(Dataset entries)
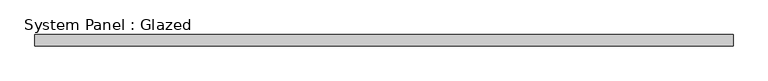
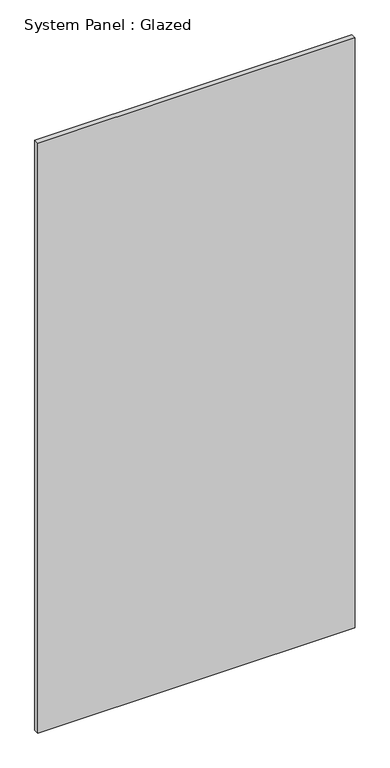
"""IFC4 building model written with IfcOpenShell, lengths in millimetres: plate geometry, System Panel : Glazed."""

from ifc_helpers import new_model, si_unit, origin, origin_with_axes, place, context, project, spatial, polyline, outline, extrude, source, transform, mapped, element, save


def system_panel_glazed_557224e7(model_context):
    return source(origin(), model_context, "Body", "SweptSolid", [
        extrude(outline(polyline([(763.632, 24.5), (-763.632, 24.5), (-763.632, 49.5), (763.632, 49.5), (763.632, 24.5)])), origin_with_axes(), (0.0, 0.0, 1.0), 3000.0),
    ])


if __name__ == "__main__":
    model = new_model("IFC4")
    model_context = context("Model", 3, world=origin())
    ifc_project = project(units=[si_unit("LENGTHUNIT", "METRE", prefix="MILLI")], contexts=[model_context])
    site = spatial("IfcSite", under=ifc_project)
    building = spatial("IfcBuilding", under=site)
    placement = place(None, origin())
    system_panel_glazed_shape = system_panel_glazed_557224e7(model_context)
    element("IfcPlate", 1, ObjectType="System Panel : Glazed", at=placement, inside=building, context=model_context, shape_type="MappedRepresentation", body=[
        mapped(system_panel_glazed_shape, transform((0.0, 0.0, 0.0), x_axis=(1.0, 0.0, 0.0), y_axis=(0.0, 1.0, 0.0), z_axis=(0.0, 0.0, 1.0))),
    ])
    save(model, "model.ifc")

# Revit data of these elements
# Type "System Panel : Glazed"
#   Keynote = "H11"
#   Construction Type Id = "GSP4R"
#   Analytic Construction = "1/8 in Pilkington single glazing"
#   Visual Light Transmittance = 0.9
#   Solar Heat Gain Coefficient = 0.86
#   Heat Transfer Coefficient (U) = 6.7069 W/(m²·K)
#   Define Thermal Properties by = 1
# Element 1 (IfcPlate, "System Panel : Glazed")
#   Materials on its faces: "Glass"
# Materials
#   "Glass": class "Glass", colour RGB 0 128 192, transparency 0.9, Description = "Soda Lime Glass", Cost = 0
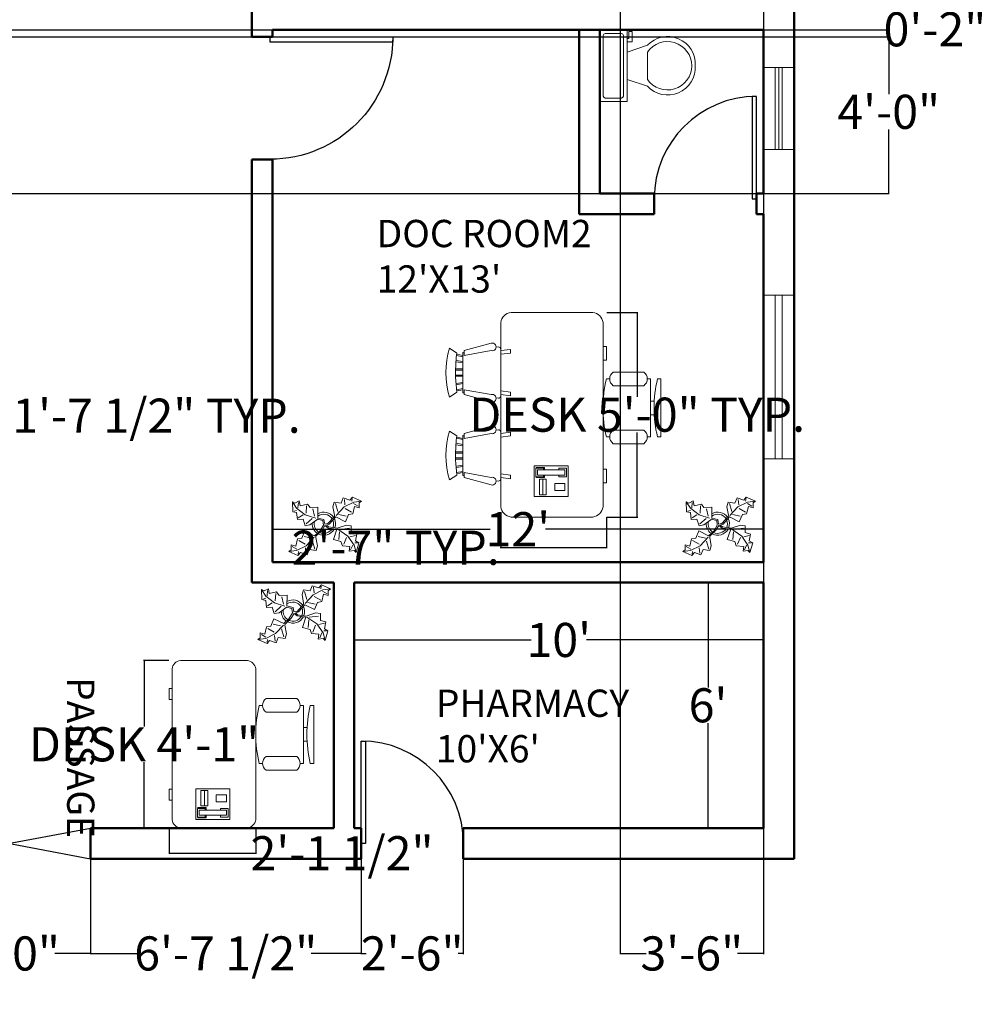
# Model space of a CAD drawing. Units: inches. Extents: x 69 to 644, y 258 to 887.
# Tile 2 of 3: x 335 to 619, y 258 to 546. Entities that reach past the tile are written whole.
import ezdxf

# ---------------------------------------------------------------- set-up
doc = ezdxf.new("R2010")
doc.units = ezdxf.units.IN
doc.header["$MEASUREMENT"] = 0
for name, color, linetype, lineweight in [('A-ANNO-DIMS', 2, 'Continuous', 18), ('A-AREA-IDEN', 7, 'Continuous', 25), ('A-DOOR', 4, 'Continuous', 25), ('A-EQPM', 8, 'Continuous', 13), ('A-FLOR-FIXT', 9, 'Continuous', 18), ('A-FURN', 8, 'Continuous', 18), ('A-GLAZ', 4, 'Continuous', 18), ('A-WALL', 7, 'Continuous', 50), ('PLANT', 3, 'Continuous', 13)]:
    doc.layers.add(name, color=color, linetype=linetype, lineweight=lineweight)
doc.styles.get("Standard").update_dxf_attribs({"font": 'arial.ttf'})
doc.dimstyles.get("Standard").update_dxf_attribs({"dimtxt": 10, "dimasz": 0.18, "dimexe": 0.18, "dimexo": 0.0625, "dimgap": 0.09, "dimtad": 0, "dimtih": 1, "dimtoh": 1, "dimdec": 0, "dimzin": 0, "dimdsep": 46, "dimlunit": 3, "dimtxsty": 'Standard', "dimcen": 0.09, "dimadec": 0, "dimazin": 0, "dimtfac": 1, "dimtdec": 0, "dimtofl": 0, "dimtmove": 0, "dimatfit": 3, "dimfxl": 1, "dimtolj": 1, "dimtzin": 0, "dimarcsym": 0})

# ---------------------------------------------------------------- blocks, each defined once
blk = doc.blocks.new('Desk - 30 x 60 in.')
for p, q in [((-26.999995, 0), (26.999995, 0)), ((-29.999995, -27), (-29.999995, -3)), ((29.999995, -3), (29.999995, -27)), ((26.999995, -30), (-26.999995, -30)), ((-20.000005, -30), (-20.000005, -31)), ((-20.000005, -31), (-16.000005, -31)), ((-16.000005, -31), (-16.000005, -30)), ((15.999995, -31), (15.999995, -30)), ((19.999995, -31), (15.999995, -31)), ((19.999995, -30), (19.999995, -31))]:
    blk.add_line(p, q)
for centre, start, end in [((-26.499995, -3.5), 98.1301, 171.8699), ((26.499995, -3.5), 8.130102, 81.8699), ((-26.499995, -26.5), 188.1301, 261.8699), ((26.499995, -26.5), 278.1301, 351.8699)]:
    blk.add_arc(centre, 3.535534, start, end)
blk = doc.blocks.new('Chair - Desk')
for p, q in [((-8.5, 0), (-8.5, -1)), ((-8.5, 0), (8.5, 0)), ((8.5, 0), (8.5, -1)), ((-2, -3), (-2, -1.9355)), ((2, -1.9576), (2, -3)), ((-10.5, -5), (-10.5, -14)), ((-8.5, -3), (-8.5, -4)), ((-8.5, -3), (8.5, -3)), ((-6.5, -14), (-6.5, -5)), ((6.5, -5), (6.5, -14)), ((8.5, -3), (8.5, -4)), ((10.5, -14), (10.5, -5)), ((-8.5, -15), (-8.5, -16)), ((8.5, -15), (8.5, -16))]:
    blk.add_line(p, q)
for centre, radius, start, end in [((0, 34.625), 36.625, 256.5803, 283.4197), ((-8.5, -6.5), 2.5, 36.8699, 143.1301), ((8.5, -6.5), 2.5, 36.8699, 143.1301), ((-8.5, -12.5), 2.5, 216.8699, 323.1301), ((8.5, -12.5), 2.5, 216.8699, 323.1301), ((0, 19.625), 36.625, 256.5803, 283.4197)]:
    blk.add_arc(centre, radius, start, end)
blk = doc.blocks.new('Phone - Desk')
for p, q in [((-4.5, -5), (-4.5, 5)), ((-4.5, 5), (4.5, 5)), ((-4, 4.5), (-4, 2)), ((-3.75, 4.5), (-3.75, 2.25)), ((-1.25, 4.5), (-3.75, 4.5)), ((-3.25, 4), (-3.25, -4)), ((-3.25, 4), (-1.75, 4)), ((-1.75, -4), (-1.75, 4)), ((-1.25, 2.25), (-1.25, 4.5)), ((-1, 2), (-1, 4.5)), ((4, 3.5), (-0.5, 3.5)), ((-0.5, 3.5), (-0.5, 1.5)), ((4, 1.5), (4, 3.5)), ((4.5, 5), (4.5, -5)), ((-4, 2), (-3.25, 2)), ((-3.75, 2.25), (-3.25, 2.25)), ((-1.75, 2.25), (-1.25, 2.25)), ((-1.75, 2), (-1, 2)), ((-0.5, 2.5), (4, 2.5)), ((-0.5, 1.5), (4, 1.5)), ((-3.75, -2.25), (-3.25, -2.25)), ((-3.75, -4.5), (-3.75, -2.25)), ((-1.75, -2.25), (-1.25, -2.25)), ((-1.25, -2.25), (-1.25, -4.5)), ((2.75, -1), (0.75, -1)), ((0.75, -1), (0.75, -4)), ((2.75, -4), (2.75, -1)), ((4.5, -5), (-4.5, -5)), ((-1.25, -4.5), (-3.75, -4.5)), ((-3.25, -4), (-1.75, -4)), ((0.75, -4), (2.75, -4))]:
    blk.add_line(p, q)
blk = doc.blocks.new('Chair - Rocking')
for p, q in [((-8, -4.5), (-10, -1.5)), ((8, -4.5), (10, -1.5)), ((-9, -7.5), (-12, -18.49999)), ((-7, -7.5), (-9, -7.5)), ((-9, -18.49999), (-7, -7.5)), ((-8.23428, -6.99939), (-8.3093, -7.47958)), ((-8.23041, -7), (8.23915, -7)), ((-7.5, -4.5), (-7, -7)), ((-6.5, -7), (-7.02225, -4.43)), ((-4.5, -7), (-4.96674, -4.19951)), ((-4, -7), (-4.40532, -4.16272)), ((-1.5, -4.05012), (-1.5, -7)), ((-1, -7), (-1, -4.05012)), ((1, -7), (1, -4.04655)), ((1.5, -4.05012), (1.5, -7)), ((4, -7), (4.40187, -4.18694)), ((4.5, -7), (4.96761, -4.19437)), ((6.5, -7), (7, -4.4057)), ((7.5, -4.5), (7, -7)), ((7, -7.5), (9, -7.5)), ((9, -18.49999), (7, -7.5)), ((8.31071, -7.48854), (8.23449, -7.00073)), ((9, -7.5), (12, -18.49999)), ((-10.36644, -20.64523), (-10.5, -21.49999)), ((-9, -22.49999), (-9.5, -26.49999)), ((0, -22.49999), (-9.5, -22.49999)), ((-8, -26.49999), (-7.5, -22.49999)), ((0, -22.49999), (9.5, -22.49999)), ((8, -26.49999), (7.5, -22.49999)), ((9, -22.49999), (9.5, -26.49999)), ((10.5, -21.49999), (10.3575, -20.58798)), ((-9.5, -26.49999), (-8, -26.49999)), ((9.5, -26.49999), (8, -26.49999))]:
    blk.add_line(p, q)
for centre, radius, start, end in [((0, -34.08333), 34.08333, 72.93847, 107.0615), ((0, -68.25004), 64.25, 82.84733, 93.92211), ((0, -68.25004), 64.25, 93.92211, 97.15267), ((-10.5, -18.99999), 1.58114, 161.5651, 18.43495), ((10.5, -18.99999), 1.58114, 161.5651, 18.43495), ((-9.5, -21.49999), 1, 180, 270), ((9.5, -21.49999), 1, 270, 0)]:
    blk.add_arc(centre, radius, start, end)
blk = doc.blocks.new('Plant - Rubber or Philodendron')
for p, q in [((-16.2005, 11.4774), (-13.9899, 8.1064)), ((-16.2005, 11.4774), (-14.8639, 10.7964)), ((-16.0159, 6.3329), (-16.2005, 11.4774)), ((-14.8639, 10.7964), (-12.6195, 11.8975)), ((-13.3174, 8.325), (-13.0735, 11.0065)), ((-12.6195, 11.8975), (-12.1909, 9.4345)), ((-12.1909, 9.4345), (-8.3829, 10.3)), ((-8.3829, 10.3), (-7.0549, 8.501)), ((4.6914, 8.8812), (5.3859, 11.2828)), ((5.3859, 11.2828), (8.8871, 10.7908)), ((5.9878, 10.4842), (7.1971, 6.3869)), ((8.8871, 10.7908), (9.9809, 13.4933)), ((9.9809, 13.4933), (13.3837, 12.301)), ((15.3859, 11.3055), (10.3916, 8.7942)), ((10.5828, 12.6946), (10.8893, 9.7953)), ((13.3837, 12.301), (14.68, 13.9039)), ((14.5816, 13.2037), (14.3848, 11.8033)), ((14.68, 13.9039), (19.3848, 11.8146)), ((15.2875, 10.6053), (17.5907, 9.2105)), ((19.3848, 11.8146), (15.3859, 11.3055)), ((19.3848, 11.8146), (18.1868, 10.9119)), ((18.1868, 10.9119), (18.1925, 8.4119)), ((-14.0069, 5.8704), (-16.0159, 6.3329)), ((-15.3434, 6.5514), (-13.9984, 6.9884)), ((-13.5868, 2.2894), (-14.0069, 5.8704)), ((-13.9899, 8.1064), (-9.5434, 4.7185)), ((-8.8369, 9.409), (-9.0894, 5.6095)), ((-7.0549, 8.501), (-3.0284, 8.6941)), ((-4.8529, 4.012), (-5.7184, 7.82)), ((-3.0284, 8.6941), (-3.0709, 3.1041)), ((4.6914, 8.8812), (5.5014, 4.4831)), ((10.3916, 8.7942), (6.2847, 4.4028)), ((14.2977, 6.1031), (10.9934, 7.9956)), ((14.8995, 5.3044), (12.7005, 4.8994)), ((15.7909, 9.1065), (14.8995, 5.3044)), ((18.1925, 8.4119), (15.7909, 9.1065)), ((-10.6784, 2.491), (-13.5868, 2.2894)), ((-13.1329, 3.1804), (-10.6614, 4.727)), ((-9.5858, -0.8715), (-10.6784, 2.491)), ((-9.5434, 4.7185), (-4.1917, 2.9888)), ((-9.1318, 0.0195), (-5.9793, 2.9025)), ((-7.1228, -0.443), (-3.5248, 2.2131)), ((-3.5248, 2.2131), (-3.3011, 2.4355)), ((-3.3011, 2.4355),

Goal of the exercise: The answer must consist of each line from the entries that contains the string "Heat".

Answer area:
#   Solar Heat Gain Coefficient = 0.86
#   Heat Transfer Coefficient (U) = 6.7069 W/(m²·K)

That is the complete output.